Records excerpted from a collection:
Content starts
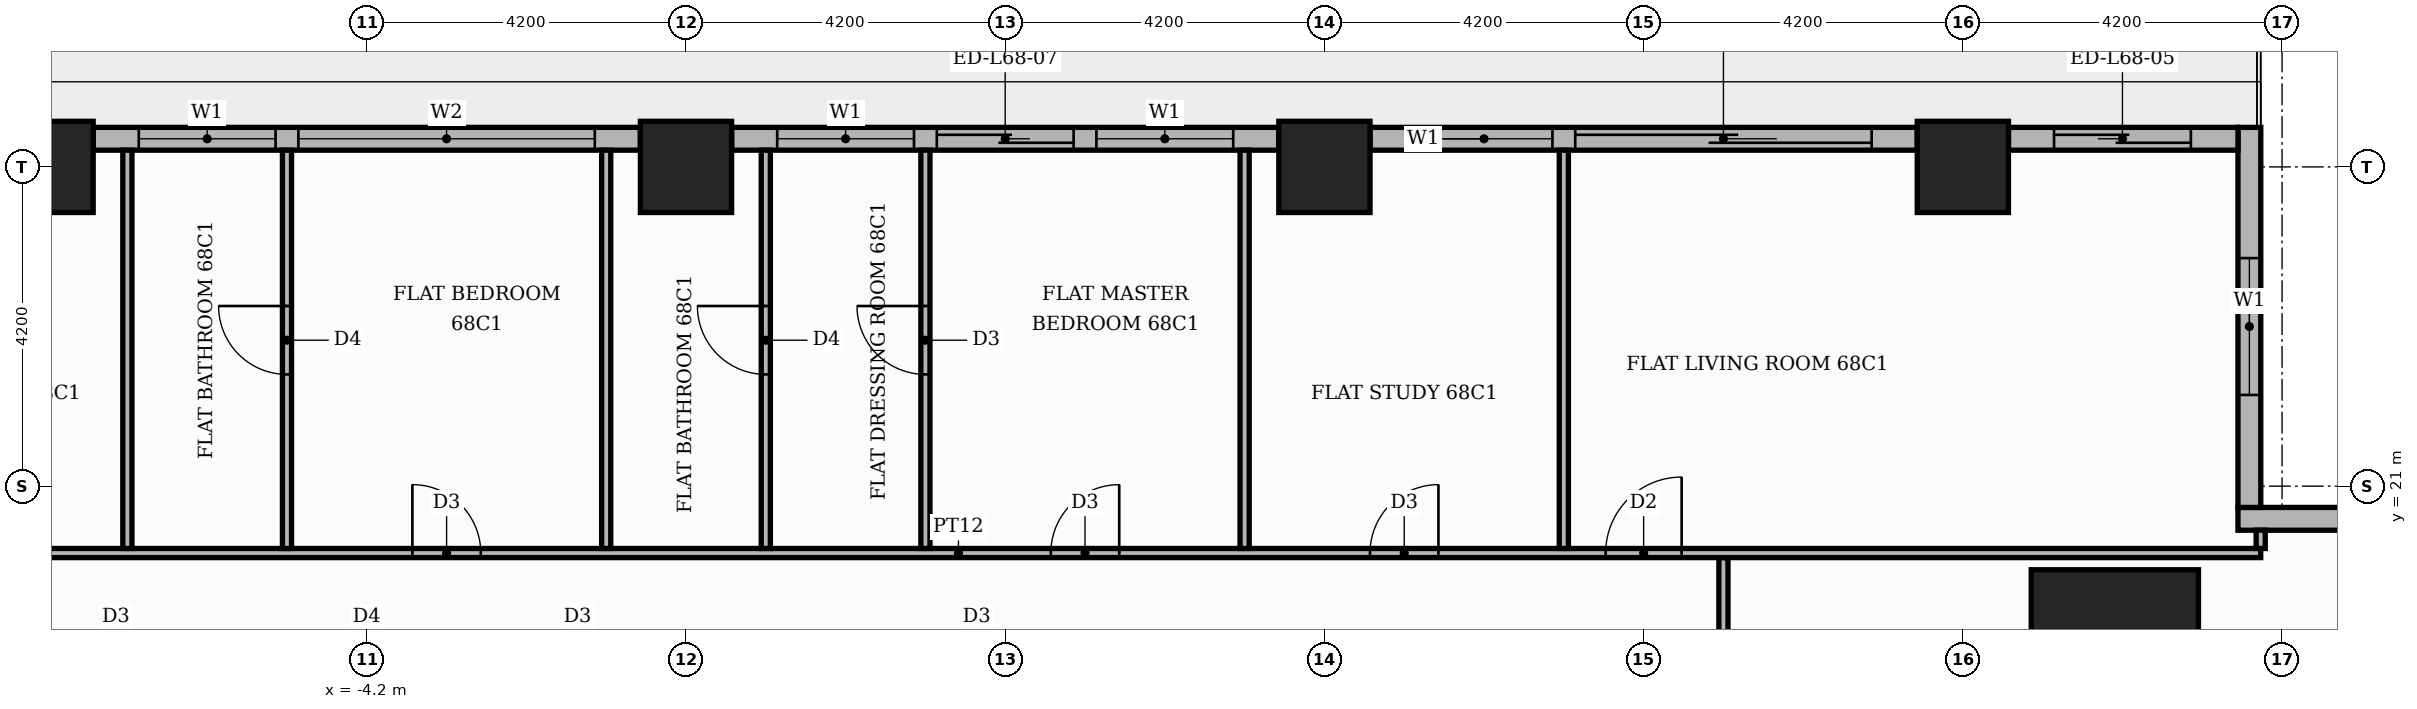
"""IFC4 building model, lengths in metres.
Left out: names, types, materials, properties, quantities, classifications, styles, units other than length and angle.
Written with IfcOpenShell. Run it as: python <this file> out.ifc"""

import sys

from ifc_helpers import new_model, si_unit, direction, frame, frame_2d, origin, origin_2d, place, context, subcontext, project, spatial, rectangle, extrude, element, fill, save


model = new_model("IFC4")
c1 = context("Model", 3, precision=1e-05, world=origin(), true_north=direction((0.0, 1.0)))
c2 = subcontext(c1, "Body", "Model", "MODEL_VIEW")
j1 = project(units=[si_unit("LENGTHUNIT", "METRE"), si_unit("PLANEANGLEUNIT", "RADIAN")], contexts=[c1])
p1 = place(None, origin())
s1 = spatial("IfcSite", under=j1, at=p1, CompositionType="ELEMENT")
p2 = place(p1, origin())
s2 = spatial("IfcBuilding", under=s1, at=p2, CompositionType="ELEMENT")
p3 = place(p2, frame((0.0, 0.0, 283.5)))
s3 = spatial("IfcBuildingStorey", under=s2, at=p3, CompositionType="ELEMENT", Elevation=283.5)
p4 = place(p3, frame((18.8, 18.8, 0.0), z_axis=(0.0, 0.0, 1.0), x_axis=(1.0, 0.0, 0.0)))
e1 = element("IfcColumn", 1, at=p4, inside=s3, PredefinedType="COLUMN", context=c2, shape_type="SweptSolid", body=[
    extrude(rectangle(XDim=2.2, YDim=2.2, at=origin_2d()), origin(), (0.0, 0.0, 1.0), 3.9),
])
for number, where, z_axis, x_axis in (
    (2, (0.0, 25.2, 0.0), (0.0, 0.0, 1.0), (1.0, 0.0, 0.0)),
    (3, (-8.4, 25.2, 0.0), (0.0, 0.0, 1.0), (1.0, 0.0, 0.0)),
    (4, (8.4, 25.2, 0.0), (0.0, 0.0, 1.0), (1.0, 0.0, 0.0)),
    (5, (16.8, 25.2, 0.0), (0.0, 0.0, 1.0), (1.0, 0.0, 0.0)),
):
    element("IfcColumn", number, at=place(p3, frame(where, z_axis=z_axis, x_axis=x_axis)), inside=s3, PredefinedType="COLUMN", context=c2, shape_type="SweptSolid", body=[
        extrude(rectangle(XDim=1.2, YDim=1.2, at=origin_2d()), origin(), (0.0, 0.0, 1.0), 3.9),
    ])
p5 = place(p3, frame((25.42, 20.57, 0.0), z_axis=(0.0, 0.0, 1.0), x_axis=(-1.0, 0.0, 0.0)))
e6 = element("IfcWall", 6, at=p5, inside=s3, PredefinedType="STANDARD", context=c2, shape_type="SweptSolid", body=[
    extrude(rectangle(XDim=5.0, YDim=0.3, at=frame_2d((2.5, 0.0))), origin(), (0.0, 0.0, 1.0), 3.4),
])
p6 = place(p5, frame((1.42, 0.0, 0.9)))
e7 = element("IfcOpeningElement", 7, at=p6, cuts=e6, PredefinedType="OPENING", context=c2, shape_type="SweptSolid", body=[
    extrude(rectangle(XDim=1.8, YDim=2.1, at=frame_2d((0.9, 1.05))), frame((0.0, 0.16, 0.0), z_axis=(0.0, -1.0, 0.0), x_axis=(1.0, 0.0, 0.0)), (0.0, 0.0, 1.0), 0.32),
])
p7 = place(p3, frame((20.57, 20.72, 0.0), z_axis=(0.0, 0.0, 1.0), x_axis=(0.0, 1.0, 0.0)))
e8 = element("IfcWall", 8, at=p7, inside=s3, PredefinedType="STANDARD", context=c2, shape_type="SweptSolid", body=[
    extrude(rectangle(XDim=5.0, YDim=0.3, at=frame_2d((2.5, 0.0))), origin(), (0.0, 0.0, 1.0), 3.4),
])
p8 = place(p7, frame((1.48, 0.0, 0.9)))
e9 = element("IfcOpeningElement", 9, at=p8, cuts=e8, PredefinedType="OPENING", context=c2, shape_type="SweptSolid", body=[
    extrude(rectangle(XDim=1.8, YDim=2.1, at=frame_2d((0.9, 1.05))), frame((0.0, 0.16, 0.0), z_axis=(0.0, -1.0, 0.0), x_axis=(1.0, 0.0, 0.0)), (0.0, 0.0, 1.0), 0.32),
])
p9 = place(p3, frame((20.42, 25.57, 0.0), z_axis=(0.0, 0.0, 1.0), x_axis=(-1.0, 0.0, 0.0)))
e10 = element("IfcWall", 10, at=p9, inside=s3, PredefinedType="STANDARD", context=c2, shape_type="SweptSolid", body=[
    extrude(rectangle(XDim=3.02, YDim=0.3, at=frame_2d((1.51, 0.0))), origin(), (0.0, 0.0, 1.0), 3.4),
])
p10 = place(p9, frame((0.62, 0.0, 0.0)))
e11 = element("IfcOpeningElement", 11, at=p10, cuts=e10, PredefinedType="OPENING", context=c2, shape_type="SweptSolid", body=[
    extrude(rectangle(XDim=1.8, YDim=2.4, at=frame_2d((0.9, 1.2))), frame((0.0, 0.16, 0.0), z_axis=(0.0, -1.0, 0.0), x_axis=(1.0, 0.0, 0.0)), (0.0, 0.0, 1.0), 0.32),
])
p11 = place(p3, frame((16.2, 25.57, 0.0), z_axis=(0.0, 0.0, 1.0), x_axis=(-1.0, 0.0, 0.0)))
e12 = element("IfcWall", 12, at=p11, inside=s3, PredefinedType="STANDARD", context=c2, shape_type="SweptSolid", body=[
    extrude(rectangle(XDim=7.2, YDim=0.3, at=frame_2d((3.6, 0.0))), origin(), (0.0, 0.0, 1.0), 3.4),
])
p12 = place(p11, frame((0.6, 0.0, 0.0)))
e13 = element("IfcOpeningElement", 13, at=p12, cuts=e12, PredefinedType="OPENING", context=c2, shape_type="SweptSolid", body=[
    extrude(rectangle(XDim=3.9, YDim=2.4, at=frame_2d((1.95, 1.2))), frame((0.0, 0.16, 0.0), z_axis=(0.0, -1.0, 0.0), x_axis=(1.0, 0.0, 0.0)), (0.0, 0.0, 1.0), 0.32),
])
p13 = place(p11, frame((4.8, 0.0, 0.9)))
e14 = element("IfcOpeningElement", 14, at=p13, cuts=e12, PredefinedType="OPENING", context=c2, shape_type="SweptSolid", body=[
    extrude(rectangle(XDim=1.8, YDim=2.1, at=frame_2d((0.9, 1.05))), frame((0.0, 0.16, 0.0), z_axis=(0.0, -1.0, 0.0), x_axis=(1.0, 0.0, 0.0)), (0.0, 0.0, 1.0), 0.32),
])
p14 = place(p3, frame((7.8, 25.57, 0.0), z_axis=(0.0, 0.0, 1.0), x_axis=(-1.0, 0.0, 0.0)))
e15 = element("IfcWall", 15, at=p14, inside=s3, PredefinedType="STANDARD", context=c2, shape_type="SweptSolid", body=[
    extrude(rectangle(XDim=7.2, YDim=0.3, at=frame_2d((3.6, 0.0))), origin(), (0.0, 0.0, 1.0), 3.4),
])
p15 = place(p14, frame((0.6, 0.0, 0.9)))
e16 = element("IfcOpeningElement", 16, at=p15, cuts=e15, PredefinedType="OPENING", context=c2, shape_type="SweptSolid", body=[
    extrude(rectangle(XDim=1.8, YDim=2.1, at=frame_2d((0.9, 1.05))), frame((0.0, 0.16, 0.0), z_axis=(0.0, -1.0, 0.0), x_axis=(1.0, 0.0, 0.0)), (0.0, 0.0, 1.0), 0.32),
])
p16 = place(p14, frame((2.7, 0.0, 0.0)))
e17 = element("IfcOpeningElement", 17, at=p16, cuts=e15, PredefinedType="OPENING", context=c2, shape_type="SweptSolid", body=[
    extrude(rectangle(XDim=1.8, YDim=2.4, at=frame_2d((0.9, 1.2))), frame((0.0, 0.16, 0.0), z_axis=(0.0, -1.0, 0.0), x_axis=(1.0, 0.0, 0.0)), (0.0, 0.0, 1.0), 0.32),
])
p17 = place(p14, frame((4.8, 0.0, 0.9)))
e18 = element("IfcOpeningElement", 18, at=p17, cuts=e15, PredefinedType="OPENING", context=c2, shape_type="SweptSolid", body=[
    extrude(rectangle(XDim=1.8, YDim=2.1, at=frame_2d((0.9, 1.05))), frame((0.0, 0.16, 0.0), z_axis=(0.0, -1.0, 0.0), x_axis=(1.0, 0.0, 0.0)), (0.0, 0.0, 1.0), 0.32),
])
p18 = place(p3, frame((-0.6, 25.57, 0.0), z_axis=(0.0, 0.0, 1.0), x_axis=(-1.0, 0.0, 0.0)))
e19 = element("IfcWall", 19, at=p18, inside=s3, PredefinedType="STANDARD", context=c2, shape_type="SweptSolid", body=[
    extrude(rectangle(XDim=7.2, YDim=0.3, at=frame_2d((3.6, 0.0))), origin(), (0.0, 0.0, 1.0), 3.4),
])
p19 = place(p18, frame((0.6, 0.0, 0.9)))
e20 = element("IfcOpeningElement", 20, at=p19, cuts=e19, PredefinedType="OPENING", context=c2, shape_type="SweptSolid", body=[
Content ends
Please say how many lines in the entries hold the string "import". Give only the number.

2